--- Records Enclosed Below ---
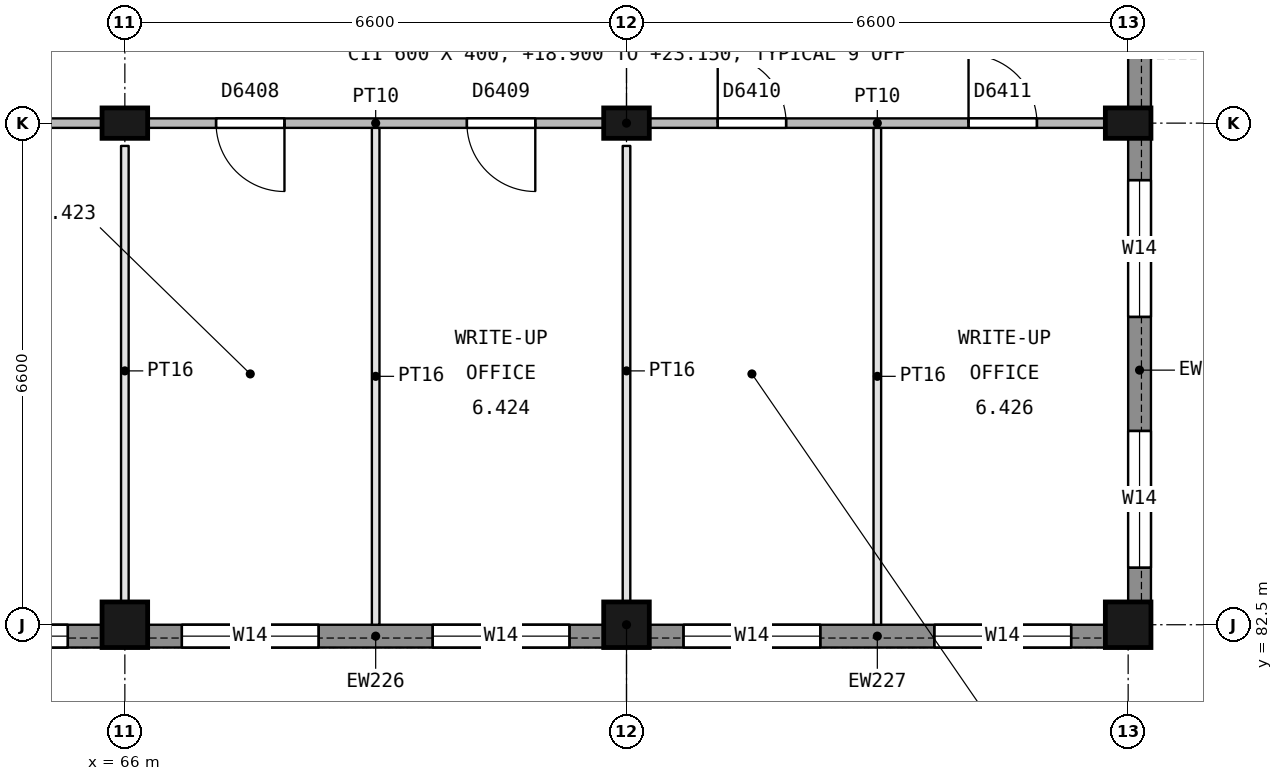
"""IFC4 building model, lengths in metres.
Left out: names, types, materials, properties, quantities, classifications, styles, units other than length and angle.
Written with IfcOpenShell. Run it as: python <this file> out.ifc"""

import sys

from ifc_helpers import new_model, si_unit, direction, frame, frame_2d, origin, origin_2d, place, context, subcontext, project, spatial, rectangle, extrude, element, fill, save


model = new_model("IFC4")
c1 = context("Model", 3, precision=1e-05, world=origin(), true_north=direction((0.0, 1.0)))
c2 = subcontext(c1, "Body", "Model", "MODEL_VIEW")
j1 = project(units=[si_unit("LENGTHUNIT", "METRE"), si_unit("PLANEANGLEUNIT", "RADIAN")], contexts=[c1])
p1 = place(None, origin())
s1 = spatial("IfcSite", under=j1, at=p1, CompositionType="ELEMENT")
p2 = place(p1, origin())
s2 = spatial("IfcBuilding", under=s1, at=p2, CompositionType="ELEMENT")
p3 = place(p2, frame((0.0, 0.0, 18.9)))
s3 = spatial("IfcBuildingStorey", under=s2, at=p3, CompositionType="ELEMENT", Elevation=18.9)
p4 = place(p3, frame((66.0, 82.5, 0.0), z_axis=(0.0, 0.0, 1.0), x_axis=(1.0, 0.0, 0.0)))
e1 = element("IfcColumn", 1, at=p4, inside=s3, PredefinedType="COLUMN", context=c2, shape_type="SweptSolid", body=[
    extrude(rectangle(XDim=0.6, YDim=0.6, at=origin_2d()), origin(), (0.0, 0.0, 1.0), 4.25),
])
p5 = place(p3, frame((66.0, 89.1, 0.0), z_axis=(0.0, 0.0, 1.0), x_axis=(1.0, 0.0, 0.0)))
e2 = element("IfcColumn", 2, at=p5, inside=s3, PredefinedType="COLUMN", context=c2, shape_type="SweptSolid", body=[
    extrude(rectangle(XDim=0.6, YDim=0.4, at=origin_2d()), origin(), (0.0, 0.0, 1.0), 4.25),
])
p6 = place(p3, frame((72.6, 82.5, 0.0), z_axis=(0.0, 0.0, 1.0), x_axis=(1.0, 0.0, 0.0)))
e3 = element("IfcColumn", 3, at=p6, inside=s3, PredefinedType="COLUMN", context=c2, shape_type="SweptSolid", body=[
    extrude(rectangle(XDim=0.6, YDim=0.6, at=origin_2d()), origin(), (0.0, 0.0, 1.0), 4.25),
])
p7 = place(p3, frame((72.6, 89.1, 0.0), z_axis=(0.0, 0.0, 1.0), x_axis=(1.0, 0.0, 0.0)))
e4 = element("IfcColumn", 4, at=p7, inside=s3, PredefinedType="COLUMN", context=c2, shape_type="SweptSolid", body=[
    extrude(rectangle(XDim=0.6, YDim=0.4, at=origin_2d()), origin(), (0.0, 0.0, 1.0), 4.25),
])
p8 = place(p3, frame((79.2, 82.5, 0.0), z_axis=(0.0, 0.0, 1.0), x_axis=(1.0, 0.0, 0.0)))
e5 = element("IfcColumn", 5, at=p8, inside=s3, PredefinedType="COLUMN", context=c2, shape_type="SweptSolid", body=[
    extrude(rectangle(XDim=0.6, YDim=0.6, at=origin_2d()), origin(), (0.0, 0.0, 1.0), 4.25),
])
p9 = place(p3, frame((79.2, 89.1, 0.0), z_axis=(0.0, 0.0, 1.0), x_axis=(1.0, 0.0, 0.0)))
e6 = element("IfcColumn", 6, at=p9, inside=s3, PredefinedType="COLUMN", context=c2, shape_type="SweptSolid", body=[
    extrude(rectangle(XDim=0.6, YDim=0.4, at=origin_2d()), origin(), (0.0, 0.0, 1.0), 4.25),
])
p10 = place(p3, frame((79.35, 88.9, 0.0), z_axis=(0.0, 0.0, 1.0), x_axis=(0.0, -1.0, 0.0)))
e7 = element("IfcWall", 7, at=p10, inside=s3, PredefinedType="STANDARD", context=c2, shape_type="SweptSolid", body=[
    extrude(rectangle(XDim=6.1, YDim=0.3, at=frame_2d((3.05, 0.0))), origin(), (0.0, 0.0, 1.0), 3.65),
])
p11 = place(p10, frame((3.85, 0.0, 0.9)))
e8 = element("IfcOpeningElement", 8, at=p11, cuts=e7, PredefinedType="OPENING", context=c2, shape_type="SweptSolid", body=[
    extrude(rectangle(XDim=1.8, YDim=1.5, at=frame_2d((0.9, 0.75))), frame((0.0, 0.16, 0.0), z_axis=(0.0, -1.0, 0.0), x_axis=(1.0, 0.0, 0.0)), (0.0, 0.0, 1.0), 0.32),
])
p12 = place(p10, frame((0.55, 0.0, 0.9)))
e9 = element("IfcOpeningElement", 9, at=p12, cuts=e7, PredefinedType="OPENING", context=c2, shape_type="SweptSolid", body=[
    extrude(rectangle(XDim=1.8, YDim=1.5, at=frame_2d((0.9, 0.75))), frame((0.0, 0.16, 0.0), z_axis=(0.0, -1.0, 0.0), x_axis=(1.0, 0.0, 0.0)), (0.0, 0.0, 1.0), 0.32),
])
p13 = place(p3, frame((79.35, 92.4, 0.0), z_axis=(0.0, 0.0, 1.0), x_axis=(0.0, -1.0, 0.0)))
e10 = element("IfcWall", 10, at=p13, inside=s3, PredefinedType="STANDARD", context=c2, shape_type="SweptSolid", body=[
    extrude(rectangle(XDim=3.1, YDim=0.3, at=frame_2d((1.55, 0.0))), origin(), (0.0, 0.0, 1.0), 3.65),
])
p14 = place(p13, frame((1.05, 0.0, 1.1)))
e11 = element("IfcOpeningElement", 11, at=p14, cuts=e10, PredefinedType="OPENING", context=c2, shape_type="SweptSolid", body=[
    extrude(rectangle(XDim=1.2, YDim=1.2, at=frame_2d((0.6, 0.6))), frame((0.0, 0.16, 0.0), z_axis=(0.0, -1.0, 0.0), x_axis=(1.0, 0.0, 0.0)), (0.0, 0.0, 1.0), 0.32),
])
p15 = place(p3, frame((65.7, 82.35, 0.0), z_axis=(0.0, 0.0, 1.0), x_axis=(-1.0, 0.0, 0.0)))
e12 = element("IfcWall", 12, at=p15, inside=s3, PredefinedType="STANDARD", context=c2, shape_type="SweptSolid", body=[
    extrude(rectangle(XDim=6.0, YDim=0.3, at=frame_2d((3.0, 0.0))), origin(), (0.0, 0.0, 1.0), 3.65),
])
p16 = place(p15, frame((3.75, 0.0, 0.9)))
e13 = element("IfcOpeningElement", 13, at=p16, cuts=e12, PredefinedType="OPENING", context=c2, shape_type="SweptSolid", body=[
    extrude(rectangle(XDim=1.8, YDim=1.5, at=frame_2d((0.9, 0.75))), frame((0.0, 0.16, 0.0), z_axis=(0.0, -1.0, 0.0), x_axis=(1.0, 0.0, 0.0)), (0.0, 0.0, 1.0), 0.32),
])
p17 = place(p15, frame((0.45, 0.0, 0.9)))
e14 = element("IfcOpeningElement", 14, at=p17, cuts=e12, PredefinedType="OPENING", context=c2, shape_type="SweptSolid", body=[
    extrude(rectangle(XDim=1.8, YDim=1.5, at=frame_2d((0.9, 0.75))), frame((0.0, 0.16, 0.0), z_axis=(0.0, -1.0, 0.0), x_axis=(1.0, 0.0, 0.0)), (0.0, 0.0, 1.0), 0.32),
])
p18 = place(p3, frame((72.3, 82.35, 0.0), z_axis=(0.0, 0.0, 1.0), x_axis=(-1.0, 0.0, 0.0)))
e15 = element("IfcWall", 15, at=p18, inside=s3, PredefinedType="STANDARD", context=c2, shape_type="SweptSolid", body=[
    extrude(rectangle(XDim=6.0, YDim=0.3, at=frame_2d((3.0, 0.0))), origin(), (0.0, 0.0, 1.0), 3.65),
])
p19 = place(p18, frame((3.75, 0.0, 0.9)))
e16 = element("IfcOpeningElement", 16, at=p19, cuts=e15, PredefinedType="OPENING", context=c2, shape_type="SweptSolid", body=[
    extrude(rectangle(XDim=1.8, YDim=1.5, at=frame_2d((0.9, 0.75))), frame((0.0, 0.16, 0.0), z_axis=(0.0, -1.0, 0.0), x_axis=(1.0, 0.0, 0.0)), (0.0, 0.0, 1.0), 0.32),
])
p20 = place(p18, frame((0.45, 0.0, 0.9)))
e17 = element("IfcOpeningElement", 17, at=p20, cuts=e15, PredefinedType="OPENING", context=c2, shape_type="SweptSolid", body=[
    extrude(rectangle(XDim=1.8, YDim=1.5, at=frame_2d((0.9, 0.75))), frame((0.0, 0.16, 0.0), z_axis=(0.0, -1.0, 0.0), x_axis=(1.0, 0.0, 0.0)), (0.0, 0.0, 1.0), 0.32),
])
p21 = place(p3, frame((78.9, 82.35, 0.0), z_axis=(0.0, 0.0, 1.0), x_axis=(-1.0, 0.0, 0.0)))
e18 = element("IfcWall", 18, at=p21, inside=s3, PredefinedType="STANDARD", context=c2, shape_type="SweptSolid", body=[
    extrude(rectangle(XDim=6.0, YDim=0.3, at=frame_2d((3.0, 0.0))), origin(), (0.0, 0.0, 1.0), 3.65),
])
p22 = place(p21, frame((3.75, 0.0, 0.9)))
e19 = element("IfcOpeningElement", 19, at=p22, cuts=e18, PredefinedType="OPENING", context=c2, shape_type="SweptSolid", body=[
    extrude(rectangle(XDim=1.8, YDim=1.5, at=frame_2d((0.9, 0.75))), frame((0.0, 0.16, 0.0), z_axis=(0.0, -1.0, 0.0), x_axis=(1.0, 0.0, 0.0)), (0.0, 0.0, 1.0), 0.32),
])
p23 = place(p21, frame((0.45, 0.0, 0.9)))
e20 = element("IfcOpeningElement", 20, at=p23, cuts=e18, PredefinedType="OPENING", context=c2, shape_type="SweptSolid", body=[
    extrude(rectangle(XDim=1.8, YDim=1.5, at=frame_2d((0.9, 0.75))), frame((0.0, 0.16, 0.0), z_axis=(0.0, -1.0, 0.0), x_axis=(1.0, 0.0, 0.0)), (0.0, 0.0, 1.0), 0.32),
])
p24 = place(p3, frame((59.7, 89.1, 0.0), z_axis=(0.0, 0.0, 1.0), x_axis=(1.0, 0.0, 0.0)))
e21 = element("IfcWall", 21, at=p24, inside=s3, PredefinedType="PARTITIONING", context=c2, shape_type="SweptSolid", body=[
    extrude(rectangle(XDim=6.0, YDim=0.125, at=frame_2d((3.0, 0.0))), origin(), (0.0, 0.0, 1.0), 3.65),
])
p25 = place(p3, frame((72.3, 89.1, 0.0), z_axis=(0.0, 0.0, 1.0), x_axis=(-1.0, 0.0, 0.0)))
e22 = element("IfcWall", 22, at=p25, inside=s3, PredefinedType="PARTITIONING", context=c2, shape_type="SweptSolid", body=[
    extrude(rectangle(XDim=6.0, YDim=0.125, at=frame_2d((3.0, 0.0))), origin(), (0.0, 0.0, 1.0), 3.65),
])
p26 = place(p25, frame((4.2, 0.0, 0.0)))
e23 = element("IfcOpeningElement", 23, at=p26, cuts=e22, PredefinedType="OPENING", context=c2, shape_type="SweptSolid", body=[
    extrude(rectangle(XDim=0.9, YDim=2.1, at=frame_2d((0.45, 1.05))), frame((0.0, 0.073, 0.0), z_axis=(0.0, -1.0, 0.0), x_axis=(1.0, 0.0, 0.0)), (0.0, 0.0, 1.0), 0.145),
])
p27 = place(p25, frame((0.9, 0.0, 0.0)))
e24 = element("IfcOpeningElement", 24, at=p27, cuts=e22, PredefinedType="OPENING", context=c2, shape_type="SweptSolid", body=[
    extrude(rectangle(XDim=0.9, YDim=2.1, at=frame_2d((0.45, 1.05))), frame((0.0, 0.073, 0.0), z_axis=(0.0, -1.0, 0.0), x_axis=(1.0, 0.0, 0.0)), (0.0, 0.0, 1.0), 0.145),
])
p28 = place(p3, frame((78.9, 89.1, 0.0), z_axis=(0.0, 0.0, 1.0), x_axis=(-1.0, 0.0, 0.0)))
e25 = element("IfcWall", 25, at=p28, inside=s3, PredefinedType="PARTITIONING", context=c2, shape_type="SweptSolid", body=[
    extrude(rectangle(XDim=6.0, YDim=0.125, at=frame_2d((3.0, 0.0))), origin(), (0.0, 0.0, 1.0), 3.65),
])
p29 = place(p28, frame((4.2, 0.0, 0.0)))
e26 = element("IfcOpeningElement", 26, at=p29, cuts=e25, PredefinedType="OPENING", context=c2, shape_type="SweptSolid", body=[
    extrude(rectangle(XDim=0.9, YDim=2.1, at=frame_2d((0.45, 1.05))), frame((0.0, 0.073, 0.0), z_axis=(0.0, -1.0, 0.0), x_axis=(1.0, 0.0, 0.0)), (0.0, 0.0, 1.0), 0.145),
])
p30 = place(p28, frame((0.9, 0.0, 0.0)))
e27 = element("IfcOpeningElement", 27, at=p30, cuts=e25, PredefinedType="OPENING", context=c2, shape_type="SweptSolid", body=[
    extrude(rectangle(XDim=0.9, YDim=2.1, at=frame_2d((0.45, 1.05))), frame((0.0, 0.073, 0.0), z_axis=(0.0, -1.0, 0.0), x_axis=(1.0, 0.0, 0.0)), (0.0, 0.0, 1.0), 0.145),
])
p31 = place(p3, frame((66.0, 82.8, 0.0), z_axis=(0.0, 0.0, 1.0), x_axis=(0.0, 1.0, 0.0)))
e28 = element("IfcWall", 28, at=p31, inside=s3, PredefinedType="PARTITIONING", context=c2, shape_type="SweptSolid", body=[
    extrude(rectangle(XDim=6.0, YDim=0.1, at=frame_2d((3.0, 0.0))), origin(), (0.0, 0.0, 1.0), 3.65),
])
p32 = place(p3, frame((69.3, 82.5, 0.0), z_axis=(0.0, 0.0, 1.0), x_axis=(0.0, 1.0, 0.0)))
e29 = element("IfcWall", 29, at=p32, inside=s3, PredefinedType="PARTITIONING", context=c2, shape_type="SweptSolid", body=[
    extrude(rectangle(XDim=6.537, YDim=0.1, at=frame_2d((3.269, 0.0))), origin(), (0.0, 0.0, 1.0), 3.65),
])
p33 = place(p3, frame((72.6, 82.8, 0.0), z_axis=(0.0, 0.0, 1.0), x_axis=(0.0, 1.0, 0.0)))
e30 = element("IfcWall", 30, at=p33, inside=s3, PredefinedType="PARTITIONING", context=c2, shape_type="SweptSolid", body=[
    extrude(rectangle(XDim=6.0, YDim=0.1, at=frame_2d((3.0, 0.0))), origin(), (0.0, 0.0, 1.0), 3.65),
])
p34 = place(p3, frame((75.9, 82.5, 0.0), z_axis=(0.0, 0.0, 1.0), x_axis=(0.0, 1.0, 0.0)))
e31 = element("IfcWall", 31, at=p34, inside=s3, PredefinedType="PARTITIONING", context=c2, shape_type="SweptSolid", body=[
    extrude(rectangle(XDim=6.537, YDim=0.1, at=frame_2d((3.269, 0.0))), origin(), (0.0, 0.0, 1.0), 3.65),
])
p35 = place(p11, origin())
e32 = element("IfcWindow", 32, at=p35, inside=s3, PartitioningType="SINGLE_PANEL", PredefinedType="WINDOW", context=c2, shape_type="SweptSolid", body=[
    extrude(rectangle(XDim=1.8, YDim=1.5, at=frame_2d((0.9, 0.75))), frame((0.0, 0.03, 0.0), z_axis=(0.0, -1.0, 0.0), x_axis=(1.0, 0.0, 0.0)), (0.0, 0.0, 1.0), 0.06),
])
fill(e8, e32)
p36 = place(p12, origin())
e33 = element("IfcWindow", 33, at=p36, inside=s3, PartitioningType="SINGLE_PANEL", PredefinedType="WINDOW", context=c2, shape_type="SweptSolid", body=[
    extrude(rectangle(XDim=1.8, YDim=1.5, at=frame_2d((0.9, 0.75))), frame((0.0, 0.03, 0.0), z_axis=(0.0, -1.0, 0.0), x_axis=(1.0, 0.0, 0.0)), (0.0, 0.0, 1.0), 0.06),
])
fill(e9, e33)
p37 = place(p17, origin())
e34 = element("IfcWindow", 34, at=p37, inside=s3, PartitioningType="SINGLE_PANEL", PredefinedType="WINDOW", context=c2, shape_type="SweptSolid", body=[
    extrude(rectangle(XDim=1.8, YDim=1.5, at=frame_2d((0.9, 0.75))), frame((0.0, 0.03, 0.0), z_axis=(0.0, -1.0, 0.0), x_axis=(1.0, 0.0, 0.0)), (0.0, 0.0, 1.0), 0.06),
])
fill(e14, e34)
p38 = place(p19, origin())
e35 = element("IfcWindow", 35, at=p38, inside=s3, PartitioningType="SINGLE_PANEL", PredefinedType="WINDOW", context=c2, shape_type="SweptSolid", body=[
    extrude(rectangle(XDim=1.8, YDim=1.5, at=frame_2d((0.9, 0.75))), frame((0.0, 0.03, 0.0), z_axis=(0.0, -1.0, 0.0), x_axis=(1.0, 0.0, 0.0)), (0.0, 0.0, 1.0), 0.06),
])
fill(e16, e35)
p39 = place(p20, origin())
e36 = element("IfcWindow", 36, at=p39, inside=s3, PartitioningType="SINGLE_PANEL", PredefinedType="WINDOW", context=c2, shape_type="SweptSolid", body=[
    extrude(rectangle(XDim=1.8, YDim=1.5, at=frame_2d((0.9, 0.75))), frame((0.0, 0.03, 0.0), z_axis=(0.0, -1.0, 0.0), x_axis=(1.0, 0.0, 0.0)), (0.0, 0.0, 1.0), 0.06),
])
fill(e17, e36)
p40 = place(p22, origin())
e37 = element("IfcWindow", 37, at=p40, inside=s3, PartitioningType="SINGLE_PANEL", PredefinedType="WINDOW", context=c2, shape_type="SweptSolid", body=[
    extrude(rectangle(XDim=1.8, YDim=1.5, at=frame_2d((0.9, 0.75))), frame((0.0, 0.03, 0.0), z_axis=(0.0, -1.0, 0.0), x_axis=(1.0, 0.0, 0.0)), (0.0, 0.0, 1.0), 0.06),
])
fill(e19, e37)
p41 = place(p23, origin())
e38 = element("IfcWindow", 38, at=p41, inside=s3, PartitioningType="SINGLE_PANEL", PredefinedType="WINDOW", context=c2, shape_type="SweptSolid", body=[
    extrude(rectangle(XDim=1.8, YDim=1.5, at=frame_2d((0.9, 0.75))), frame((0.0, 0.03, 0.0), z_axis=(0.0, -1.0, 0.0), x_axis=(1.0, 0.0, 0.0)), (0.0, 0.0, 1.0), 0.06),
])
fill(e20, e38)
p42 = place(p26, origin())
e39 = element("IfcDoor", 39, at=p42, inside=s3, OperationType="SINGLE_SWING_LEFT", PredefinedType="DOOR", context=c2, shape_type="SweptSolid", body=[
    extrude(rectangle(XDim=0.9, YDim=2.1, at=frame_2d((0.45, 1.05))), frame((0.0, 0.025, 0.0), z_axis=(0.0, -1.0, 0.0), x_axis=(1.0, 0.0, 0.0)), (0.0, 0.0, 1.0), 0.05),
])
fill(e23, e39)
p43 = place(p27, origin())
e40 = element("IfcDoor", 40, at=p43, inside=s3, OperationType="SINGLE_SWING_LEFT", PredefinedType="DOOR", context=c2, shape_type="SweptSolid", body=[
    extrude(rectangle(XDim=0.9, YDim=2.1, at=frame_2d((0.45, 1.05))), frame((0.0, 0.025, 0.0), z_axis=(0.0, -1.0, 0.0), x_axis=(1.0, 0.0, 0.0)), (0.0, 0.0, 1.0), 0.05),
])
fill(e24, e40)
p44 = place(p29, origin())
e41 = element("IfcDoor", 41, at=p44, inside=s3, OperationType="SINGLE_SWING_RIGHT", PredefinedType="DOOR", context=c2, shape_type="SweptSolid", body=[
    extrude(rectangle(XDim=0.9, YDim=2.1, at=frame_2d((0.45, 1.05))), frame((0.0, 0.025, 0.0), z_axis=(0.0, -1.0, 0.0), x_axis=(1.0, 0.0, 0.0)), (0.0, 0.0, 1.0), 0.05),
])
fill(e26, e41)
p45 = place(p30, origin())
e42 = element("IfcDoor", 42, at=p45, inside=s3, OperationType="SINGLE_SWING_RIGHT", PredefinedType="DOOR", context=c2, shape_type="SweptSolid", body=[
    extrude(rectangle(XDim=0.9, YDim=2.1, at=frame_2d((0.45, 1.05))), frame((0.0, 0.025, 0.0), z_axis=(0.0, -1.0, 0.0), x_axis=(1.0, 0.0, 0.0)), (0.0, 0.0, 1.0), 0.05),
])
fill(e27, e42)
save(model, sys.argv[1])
--- End of Enclosed Records ---
▶ Exercise
Restate word for word only the lines above from the line containing "from ifc_helpers import" to the line containing "p1 = place(None, origin())", both of them included.

▶ Answer box
from ifc_helpers import new_model, si_unit, direction, frame, frame_2d, origin, origin_2d, place, context, subcontext, project, spatial, rectangle, extrude, element, fill, save


model = new_model("IFC4")
c1 = context("Model", 3, precision=1e-05, world=origin(), true_north=direction((0.0, 1.0)))
c2 = subcontext(c1, "Body", "Model", "MODEL_VIEW")
j1 = project(units=[si_unit("LENGTHUNIT", "METRE"), si_unit("PLANEANGLEUNIT", "RADIAN")], contexts=[c1])
p1 = place(None, origin())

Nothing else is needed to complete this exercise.